- Opening Delimiter -

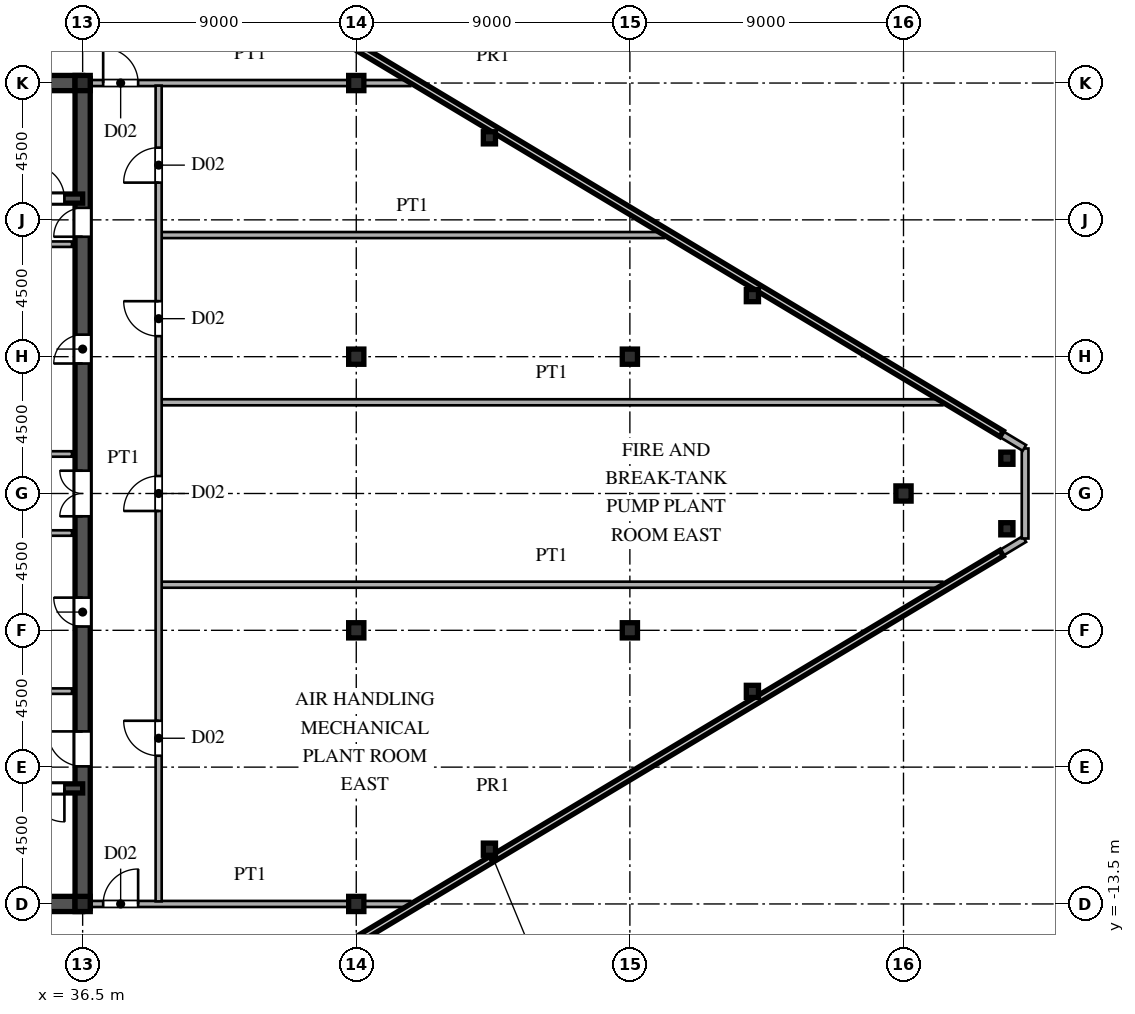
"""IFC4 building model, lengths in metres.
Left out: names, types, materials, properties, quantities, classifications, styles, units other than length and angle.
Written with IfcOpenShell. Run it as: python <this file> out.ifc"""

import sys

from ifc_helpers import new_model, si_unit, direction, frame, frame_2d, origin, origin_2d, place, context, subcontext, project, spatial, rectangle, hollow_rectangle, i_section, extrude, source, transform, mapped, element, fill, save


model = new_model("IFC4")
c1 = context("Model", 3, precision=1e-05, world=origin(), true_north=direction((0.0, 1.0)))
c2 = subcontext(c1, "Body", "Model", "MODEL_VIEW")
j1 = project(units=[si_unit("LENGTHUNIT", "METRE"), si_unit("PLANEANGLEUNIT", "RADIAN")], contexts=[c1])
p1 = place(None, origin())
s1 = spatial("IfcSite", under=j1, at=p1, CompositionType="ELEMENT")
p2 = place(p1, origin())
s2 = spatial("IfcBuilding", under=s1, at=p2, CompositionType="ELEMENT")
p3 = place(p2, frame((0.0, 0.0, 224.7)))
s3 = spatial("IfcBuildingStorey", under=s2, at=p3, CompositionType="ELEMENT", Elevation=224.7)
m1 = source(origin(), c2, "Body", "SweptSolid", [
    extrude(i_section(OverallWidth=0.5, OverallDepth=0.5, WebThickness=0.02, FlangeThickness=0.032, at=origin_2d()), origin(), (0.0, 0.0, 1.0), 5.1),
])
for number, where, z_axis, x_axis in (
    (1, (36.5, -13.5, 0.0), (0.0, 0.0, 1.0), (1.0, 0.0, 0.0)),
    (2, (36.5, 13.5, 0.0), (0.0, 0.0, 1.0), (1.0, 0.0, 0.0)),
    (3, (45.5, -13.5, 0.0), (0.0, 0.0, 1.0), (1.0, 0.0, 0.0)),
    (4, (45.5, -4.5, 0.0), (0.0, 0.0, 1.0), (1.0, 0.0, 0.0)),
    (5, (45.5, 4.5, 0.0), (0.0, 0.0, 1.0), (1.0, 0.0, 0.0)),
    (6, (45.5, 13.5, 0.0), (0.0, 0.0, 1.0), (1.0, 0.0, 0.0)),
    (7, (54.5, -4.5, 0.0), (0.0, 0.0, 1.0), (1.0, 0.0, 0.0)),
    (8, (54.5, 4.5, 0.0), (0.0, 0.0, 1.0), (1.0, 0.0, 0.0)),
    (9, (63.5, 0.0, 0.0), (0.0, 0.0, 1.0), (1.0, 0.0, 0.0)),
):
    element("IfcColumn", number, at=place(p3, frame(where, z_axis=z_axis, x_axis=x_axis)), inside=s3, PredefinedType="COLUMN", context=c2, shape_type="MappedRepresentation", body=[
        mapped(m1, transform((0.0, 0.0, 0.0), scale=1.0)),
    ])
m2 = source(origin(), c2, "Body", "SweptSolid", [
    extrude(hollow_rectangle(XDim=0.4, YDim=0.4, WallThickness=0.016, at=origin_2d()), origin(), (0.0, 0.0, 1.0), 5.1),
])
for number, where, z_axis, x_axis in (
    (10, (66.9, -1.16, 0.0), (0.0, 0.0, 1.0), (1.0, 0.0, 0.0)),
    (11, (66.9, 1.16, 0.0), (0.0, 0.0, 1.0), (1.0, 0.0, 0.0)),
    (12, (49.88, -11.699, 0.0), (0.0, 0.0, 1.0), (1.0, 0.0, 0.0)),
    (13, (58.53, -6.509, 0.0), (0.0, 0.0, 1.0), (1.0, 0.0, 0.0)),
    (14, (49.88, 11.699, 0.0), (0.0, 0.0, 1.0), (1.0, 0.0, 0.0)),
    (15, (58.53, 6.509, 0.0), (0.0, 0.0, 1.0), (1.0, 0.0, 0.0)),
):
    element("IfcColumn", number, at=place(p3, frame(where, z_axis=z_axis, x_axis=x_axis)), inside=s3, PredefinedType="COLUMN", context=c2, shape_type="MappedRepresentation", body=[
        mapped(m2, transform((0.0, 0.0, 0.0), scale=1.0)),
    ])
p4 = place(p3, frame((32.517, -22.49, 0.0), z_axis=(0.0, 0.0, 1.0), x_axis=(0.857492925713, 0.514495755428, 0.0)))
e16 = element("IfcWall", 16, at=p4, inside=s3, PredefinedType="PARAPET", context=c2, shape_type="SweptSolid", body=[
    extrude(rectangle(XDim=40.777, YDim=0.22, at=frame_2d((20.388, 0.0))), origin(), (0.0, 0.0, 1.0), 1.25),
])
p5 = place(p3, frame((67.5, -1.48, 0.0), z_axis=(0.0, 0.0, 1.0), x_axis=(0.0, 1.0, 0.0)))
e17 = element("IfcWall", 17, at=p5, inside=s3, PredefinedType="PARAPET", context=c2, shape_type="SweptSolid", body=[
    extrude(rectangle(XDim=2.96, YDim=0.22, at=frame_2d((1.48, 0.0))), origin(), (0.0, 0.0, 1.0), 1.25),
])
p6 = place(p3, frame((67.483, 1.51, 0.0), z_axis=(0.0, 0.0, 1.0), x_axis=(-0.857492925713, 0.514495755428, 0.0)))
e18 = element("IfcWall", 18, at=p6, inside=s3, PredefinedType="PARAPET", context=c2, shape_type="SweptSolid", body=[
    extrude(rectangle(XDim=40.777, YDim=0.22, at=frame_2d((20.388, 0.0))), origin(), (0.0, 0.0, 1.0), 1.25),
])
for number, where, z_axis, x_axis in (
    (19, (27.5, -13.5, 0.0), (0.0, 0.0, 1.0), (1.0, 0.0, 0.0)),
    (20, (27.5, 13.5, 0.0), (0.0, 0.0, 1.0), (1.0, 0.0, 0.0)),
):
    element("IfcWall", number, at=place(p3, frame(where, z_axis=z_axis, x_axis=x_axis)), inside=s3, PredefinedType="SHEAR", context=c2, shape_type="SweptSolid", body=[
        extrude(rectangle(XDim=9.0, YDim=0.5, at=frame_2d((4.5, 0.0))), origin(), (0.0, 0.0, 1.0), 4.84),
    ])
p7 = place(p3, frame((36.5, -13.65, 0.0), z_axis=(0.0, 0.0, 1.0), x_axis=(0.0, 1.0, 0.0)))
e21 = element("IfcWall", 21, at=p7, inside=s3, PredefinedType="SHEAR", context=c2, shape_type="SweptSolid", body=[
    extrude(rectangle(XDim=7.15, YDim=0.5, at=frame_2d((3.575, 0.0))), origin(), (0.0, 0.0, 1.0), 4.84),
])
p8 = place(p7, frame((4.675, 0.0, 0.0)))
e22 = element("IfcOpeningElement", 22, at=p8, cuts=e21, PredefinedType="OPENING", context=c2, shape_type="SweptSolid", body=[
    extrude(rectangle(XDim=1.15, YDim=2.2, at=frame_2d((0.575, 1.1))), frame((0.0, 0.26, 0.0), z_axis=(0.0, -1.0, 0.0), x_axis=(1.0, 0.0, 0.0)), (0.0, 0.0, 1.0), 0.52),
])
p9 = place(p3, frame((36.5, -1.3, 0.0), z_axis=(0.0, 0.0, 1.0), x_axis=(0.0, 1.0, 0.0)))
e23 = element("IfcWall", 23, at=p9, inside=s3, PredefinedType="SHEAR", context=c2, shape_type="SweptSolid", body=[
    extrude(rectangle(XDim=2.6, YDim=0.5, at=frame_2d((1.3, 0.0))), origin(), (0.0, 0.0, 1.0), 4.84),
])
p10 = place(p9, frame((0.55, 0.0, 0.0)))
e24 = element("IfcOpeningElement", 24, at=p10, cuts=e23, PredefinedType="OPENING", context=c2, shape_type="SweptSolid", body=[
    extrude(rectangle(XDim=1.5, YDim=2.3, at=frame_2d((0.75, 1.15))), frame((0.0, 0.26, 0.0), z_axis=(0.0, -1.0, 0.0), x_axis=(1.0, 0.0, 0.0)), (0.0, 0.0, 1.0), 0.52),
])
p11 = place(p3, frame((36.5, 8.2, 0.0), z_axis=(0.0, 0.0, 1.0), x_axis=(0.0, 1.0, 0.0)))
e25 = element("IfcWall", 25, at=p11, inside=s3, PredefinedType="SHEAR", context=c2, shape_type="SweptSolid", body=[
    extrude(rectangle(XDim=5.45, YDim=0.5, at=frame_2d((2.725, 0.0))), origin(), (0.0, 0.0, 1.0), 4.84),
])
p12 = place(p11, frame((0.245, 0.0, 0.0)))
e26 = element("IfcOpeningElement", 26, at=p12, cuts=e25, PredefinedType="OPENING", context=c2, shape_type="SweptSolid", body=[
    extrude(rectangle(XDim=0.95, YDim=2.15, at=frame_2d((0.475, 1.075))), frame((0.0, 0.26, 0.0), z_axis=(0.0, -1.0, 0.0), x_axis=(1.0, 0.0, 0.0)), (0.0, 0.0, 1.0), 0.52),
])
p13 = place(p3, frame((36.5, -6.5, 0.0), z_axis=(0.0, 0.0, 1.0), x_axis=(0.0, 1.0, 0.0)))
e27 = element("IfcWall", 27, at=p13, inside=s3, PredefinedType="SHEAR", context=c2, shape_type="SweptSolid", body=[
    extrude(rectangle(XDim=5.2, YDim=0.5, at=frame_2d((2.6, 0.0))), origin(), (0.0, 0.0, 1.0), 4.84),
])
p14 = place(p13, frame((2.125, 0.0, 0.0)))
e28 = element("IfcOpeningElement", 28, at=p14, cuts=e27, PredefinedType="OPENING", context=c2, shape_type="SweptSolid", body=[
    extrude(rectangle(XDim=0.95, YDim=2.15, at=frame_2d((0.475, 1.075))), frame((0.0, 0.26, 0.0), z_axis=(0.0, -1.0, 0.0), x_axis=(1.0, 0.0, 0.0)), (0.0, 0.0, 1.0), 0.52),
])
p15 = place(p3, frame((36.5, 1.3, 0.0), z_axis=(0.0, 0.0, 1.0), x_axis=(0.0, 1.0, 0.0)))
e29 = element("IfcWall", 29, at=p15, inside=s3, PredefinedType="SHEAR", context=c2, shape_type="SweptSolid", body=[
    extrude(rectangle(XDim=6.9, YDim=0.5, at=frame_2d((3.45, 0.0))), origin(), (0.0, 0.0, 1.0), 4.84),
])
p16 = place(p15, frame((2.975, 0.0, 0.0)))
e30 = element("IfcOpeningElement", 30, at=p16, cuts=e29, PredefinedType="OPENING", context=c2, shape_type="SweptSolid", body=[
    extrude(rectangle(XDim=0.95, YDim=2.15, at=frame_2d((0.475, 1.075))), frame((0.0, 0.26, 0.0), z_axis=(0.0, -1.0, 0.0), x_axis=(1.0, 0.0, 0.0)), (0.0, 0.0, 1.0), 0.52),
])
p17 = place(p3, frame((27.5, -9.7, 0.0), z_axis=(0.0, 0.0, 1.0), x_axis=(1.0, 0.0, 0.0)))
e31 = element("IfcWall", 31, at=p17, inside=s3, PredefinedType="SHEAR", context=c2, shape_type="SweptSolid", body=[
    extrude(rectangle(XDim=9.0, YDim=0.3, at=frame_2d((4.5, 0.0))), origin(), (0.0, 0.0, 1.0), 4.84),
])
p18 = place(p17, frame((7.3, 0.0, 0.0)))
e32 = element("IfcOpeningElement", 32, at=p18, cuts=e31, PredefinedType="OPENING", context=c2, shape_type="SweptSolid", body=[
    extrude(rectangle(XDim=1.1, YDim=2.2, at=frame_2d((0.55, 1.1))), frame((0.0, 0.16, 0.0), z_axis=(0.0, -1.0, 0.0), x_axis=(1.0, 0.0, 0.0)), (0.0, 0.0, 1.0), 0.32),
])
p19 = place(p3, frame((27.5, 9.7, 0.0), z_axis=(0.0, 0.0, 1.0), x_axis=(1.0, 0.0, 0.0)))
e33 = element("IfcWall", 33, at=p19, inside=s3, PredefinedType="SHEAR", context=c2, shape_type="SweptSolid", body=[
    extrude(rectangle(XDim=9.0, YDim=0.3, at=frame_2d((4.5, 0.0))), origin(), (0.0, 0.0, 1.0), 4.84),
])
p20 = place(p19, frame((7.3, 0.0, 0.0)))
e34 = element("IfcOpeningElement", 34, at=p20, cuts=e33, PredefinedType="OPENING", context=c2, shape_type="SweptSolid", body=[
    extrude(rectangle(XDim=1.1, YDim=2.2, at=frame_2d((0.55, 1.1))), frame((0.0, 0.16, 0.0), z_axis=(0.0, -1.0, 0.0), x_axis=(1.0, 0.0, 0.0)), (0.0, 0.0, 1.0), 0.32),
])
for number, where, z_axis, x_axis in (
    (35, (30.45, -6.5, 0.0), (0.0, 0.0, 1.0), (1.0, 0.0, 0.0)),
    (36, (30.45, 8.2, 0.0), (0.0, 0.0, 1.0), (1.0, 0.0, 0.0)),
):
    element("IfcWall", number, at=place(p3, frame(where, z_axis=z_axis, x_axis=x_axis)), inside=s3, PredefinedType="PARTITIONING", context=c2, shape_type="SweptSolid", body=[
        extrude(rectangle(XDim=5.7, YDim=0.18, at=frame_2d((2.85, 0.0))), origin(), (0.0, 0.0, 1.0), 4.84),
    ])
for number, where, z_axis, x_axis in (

- Closing Delimiter -

# [Your assignment]
Read the entries and pick out all lines that include the word "transform".

# [Exercise response]
from ifc_helpers import new_model, si_unit, direction, frame, frame_2d, origin, origin_2d, place, context, subcontext, project, spatial, rectangle, hollow_rectangle, i_section, extrude, source, transform, mapped, element, fill, save
        mapped(m1, transform((0.0, 0.0, 0.0), scale=1.0)),
        mapped(m2, transform((0.0, 0.0, 0.0), scale=1.0)),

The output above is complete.